**TASK BRIEF**
Output range, inclusive: from the line containing "#4=SURFACE_STYLE_FILL_AREA(#3);" to the line containing "#43=CARTESIAN_POINT('',(19.031,0.8756,3.039));". Restate those lines from the data below word for word and only those.

[Stored items]
"""

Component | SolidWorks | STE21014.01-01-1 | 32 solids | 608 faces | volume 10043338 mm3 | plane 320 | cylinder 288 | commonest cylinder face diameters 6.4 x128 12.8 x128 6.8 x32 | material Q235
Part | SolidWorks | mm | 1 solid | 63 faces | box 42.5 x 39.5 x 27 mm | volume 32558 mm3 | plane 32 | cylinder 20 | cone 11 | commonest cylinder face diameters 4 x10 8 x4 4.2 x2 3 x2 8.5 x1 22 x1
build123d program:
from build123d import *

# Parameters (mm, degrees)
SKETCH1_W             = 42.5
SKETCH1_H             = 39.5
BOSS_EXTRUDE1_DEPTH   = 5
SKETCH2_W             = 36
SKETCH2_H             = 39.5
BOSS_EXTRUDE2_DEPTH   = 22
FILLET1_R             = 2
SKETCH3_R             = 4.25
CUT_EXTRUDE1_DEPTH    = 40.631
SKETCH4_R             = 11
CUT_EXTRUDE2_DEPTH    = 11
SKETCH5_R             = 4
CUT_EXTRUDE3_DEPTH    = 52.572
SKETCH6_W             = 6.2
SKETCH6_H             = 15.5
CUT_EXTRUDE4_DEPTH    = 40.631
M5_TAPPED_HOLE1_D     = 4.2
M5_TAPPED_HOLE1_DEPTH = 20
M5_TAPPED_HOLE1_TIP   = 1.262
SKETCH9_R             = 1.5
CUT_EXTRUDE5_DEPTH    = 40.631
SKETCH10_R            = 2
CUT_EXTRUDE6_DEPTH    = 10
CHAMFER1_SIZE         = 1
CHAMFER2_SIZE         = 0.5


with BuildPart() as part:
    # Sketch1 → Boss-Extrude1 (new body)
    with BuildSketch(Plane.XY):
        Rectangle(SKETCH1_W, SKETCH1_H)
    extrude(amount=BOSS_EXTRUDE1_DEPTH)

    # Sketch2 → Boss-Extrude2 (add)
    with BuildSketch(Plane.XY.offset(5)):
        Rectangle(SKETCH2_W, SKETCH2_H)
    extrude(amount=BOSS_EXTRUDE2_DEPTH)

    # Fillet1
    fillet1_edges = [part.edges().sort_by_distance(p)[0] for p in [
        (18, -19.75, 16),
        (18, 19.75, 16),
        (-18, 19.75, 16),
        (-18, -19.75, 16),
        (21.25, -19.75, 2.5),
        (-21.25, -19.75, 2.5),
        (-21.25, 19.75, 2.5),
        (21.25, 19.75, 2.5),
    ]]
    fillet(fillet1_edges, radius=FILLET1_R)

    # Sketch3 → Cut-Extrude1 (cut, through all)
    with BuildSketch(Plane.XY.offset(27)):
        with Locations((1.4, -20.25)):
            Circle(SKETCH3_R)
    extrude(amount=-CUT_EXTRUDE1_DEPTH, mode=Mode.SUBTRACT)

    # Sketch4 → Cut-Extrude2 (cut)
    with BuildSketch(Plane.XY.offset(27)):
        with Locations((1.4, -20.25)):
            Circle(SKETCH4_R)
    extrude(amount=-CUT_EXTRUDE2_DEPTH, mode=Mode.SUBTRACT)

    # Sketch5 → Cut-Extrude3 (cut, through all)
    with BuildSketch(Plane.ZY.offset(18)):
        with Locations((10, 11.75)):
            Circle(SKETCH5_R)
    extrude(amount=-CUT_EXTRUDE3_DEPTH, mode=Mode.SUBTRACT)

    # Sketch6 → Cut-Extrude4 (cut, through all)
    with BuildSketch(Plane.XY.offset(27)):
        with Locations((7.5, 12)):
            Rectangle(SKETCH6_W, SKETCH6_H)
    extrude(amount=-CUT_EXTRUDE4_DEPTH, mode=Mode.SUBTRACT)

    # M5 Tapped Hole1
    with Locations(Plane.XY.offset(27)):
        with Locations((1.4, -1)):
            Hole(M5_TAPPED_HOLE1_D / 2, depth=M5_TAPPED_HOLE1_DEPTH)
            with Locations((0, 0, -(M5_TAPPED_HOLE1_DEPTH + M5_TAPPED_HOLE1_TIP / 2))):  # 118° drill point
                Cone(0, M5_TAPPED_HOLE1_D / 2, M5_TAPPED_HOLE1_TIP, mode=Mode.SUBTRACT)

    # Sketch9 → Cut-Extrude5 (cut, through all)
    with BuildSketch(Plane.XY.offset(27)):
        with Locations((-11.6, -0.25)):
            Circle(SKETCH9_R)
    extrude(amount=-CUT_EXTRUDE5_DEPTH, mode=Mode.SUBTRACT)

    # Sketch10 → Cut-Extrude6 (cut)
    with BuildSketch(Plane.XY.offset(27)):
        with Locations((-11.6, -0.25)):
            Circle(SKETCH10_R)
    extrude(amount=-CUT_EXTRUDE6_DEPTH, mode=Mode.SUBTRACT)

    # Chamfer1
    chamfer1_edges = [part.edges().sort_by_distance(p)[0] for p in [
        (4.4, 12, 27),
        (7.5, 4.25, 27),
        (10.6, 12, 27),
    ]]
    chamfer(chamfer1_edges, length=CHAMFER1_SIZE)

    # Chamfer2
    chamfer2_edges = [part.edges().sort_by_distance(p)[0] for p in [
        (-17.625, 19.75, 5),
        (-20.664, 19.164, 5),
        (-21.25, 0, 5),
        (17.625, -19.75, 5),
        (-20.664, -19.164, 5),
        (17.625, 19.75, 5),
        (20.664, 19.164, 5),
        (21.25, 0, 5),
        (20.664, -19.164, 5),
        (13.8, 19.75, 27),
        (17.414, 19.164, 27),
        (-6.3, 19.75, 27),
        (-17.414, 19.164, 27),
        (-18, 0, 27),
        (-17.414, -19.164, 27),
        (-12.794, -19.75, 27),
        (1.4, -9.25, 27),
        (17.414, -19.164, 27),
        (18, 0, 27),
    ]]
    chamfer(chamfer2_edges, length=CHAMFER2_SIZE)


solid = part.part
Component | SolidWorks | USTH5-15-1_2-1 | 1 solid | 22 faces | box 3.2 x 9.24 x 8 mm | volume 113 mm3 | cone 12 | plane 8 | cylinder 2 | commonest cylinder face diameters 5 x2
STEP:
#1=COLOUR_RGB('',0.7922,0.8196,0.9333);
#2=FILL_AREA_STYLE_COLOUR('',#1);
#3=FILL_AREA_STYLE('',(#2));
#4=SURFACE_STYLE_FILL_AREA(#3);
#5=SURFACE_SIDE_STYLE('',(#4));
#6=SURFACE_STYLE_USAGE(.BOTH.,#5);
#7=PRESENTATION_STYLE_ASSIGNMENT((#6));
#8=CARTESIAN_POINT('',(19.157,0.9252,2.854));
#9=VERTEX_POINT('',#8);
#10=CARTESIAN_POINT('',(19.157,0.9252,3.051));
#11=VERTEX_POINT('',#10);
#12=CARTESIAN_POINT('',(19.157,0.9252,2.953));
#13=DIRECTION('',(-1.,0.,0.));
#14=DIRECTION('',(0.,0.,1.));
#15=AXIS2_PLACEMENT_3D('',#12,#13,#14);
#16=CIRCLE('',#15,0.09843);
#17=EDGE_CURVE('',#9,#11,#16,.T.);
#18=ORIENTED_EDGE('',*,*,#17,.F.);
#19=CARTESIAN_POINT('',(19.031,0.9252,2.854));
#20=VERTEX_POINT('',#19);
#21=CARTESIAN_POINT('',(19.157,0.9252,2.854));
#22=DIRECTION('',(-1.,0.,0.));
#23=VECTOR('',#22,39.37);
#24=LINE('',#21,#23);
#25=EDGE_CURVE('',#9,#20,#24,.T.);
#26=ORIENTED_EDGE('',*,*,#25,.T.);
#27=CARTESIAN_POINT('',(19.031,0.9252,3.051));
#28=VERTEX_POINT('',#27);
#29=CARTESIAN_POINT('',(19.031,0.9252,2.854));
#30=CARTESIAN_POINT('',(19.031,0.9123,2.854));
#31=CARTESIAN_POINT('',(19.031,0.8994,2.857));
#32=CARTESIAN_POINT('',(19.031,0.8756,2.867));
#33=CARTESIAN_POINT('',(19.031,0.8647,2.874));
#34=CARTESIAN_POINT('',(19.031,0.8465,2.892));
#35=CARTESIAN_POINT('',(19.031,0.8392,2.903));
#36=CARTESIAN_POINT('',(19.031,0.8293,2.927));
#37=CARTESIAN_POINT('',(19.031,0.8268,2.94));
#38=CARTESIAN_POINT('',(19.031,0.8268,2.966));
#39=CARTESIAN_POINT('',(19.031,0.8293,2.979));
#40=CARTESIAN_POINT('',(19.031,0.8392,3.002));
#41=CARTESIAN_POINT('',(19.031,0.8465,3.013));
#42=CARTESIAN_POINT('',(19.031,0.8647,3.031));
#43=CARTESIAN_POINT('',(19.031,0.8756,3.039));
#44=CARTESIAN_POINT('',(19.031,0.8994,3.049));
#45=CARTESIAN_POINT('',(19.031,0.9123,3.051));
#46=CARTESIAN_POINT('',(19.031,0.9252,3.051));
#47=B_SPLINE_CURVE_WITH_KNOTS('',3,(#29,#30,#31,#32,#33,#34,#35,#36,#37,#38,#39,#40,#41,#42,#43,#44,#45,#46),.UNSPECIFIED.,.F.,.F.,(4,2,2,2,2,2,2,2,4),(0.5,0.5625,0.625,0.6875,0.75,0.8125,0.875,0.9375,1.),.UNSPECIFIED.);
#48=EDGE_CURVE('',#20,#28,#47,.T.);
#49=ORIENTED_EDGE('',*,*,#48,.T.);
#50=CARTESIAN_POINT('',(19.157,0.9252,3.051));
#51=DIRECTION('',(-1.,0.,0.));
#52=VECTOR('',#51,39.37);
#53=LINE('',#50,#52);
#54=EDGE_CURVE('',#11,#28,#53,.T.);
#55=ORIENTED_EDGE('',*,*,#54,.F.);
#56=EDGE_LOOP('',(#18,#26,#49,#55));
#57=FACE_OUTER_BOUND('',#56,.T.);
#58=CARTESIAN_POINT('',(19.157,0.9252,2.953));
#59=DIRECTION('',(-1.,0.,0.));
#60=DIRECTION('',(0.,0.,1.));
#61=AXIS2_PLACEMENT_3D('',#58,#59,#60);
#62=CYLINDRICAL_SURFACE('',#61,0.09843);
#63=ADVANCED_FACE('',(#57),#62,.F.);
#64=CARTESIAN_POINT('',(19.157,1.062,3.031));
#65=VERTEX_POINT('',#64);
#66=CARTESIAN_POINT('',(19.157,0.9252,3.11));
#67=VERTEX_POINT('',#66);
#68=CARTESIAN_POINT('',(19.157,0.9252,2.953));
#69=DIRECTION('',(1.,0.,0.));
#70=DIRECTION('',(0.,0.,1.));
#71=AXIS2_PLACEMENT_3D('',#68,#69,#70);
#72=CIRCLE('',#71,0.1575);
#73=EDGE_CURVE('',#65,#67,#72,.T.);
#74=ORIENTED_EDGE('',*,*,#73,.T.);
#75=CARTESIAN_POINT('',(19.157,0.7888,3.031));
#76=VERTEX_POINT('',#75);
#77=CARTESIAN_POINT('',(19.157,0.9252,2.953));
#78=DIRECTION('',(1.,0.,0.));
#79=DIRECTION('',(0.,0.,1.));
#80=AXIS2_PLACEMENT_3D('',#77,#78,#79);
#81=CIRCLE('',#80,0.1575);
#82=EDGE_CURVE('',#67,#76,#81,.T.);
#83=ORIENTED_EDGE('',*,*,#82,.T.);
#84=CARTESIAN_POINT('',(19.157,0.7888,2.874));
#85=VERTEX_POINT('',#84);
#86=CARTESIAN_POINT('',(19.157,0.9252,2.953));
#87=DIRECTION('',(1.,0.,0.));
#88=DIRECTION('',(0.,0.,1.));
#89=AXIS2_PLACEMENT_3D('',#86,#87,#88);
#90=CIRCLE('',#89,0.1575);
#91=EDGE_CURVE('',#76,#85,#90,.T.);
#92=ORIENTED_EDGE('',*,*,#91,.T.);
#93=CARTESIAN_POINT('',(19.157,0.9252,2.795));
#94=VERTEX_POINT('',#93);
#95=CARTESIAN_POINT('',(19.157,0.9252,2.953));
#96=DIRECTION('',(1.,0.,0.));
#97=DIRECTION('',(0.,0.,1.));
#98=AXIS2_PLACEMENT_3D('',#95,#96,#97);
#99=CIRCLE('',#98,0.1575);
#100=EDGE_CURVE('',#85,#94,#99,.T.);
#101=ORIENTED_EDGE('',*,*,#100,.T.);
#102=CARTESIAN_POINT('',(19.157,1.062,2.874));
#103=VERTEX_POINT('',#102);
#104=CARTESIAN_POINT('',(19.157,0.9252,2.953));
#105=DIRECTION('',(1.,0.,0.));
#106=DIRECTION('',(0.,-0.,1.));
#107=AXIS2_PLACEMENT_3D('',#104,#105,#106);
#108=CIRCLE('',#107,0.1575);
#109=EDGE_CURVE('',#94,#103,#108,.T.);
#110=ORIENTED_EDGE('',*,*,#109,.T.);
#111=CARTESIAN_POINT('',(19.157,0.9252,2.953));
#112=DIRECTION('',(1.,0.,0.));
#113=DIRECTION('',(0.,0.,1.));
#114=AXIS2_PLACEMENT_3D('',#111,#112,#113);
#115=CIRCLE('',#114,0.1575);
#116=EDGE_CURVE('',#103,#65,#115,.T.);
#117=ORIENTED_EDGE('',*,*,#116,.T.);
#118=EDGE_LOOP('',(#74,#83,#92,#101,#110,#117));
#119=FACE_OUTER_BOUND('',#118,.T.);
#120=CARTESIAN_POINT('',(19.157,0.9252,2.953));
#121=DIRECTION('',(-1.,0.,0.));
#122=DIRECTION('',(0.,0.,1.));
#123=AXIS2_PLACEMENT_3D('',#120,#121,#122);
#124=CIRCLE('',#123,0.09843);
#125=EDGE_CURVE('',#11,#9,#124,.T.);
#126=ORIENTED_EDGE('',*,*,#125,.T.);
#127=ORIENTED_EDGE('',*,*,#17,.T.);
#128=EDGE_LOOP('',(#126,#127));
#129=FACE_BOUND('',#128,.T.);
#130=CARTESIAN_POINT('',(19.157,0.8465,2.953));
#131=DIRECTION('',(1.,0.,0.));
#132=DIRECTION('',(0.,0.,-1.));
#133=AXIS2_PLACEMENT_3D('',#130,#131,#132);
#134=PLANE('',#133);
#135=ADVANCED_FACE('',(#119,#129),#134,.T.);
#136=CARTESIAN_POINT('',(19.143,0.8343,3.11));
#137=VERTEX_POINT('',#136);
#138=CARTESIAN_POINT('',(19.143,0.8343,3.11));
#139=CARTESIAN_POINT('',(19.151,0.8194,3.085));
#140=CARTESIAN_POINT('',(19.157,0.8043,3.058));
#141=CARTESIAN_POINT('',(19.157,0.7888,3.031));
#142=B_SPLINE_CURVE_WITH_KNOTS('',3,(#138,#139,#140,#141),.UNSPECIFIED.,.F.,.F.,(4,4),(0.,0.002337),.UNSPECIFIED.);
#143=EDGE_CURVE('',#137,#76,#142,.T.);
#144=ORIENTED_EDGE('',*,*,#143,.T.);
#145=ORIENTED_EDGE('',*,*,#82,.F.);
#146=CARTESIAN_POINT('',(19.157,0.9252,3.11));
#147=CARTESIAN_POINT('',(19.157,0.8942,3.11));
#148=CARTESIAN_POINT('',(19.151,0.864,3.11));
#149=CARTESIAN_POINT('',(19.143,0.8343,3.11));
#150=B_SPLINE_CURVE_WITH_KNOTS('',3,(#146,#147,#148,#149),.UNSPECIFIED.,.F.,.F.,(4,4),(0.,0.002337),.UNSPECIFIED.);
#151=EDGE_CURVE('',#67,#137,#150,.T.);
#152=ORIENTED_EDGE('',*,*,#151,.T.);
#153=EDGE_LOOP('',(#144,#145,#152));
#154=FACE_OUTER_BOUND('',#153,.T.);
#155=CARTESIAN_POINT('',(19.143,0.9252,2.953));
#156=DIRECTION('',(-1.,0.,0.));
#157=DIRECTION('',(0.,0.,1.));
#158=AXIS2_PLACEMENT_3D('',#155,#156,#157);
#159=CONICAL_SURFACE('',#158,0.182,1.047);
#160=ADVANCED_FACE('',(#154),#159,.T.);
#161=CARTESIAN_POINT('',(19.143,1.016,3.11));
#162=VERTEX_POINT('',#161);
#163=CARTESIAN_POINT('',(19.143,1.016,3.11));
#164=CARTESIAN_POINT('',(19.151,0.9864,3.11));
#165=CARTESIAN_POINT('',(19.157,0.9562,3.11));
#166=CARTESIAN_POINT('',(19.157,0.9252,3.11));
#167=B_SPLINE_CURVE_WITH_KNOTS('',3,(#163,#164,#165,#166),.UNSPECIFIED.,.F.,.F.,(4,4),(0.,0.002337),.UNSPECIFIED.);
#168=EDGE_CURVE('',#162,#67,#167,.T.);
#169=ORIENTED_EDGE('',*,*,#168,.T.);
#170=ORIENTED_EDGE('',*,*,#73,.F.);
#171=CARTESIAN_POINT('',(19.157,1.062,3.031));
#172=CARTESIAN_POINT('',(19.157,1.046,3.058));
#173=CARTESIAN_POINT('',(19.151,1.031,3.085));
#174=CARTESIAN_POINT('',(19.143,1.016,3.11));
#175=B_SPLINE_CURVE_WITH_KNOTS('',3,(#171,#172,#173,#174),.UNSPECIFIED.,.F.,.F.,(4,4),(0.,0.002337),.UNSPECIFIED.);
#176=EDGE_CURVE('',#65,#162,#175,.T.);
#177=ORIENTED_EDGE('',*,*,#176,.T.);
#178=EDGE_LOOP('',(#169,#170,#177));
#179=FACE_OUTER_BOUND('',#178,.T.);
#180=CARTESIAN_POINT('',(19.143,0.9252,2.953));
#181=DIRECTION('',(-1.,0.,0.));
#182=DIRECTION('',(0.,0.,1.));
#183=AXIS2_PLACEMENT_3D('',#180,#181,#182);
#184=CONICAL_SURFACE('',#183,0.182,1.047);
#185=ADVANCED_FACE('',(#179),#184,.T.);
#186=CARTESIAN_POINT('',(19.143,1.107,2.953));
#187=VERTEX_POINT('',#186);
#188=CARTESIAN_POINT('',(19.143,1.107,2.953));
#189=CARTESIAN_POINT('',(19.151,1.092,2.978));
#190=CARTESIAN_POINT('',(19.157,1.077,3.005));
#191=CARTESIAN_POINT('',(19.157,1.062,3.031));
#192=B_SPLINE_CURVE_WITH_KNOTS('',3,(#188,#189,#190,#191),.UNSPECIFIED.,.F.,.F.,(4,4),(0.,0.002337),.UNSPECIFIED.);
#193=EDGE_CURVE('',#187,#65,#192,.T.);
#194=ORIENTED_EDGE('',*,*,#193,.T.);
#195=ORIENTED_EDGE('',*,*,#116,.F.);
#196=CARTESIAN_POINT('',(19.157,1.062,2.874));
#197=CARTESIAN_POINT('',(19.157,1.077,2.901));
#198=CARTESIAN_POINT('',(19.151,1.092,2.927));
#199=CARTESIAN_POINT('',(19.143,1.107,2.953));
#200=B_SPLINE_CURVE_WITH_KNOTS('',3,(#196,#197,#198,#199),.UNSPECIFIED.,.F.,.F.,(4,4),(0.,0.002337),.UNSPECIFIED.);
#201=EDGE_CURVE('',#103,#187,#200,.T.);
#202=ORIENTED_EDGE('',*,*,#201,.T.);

"""

**TASK ANSWER**
#4=SURFACE_STYLE_FILL_AREA(#3);
#5=SURFACE_SIDE_STYLE('',(#4));
#6=SURFACE_STYLE_USAGE(.BOTH.,#5);
#7=PRESENTATION_STYLE_ASSIGNMENT((#6));
#8=CARTESIAN_POINT('',(19.157,0.9252,2.854));
#9=VERTEX_POINT('',#8);
#10=CARTESIAN_POINT('',(19.157,0.9252,3.051));
#11=VERTEX_POINT('',#10);
#12=CARTESIAN_POINT('',(19.157,0.9252,2.953));
#13=DIRECTION('',(-1.,0.,0.));
#14=DIRECTION('',(0.,0.,1.));
#15=AXIS2_PLACEMENT_3D('',#12,#13,#14);
#16=CIRCLE('',#15,0.09843);
#17=EDGE_CURVE('',#9,#11,#16,.T.);
#18=ORIENTED_EDGE('',*,*,#17,.F.);
#19=CARTESIAN_POINT('',(19.031,0.9252,2.854));
#20=VERTEX_POINT('',#19);
#21=CARTESIAN_POINT('',(19.157,0.9252,2.854));
#22=DIRECTION('',(-1.,0.,0.));
#23=VECTOR('',#22,39.37);
#24=LINE('',#21,#23);
#25=EDGE_CURVE('',#9,#20,#24,.T.);
#26=ORIENTED_EDGE('',*,*,#25,.T.);
#27=CARTESIAN_POINT('',(19.031,0.9252,3.051));
#28=VERTEX_POINT('',#27);
#29=CARTESIAN_POINT('',(19.031,0.9252,2.854));
#30=CARTESIAN_POINT('',(19.031,0.9123,2.854));
#31=CARTESIAN_POINT('',(19.031,0.8994,2.857));
#32=CARTESIAN_POINT('',(19.031,0.8756,2.867));
#33=CARTESIAN_POINT('',(19.031,0.8647,2.874));
#34=CARTESIAN_POINT('',(19.031,0.8465,2.892));
#35=CARTESIAN_POINT('',(19.031,0.8392,2.903));
#36=CARTESIAN_POINT('',(19.031,0.8293,2.927));
#37=CARTESIAN_POINT('',(19.031,0.8268,2.94));
#38=CARTESIAN_POINT('',(19.031,0.8268,2.966));
#39=CARTESIAN_POINT('',(19.031,0.8293,2.979));
#40=CARTESIAN_POINT('',(19.031,0.8392,3.002));
#41=CARTESIAN_POINT('',(19.031,0.8465,3.013));
#42=CARTESIAN_POINT('',(19.031,0.8647,3.031));
#43=CARTESIAN_POINT('',(19.031,0.8756,3.039));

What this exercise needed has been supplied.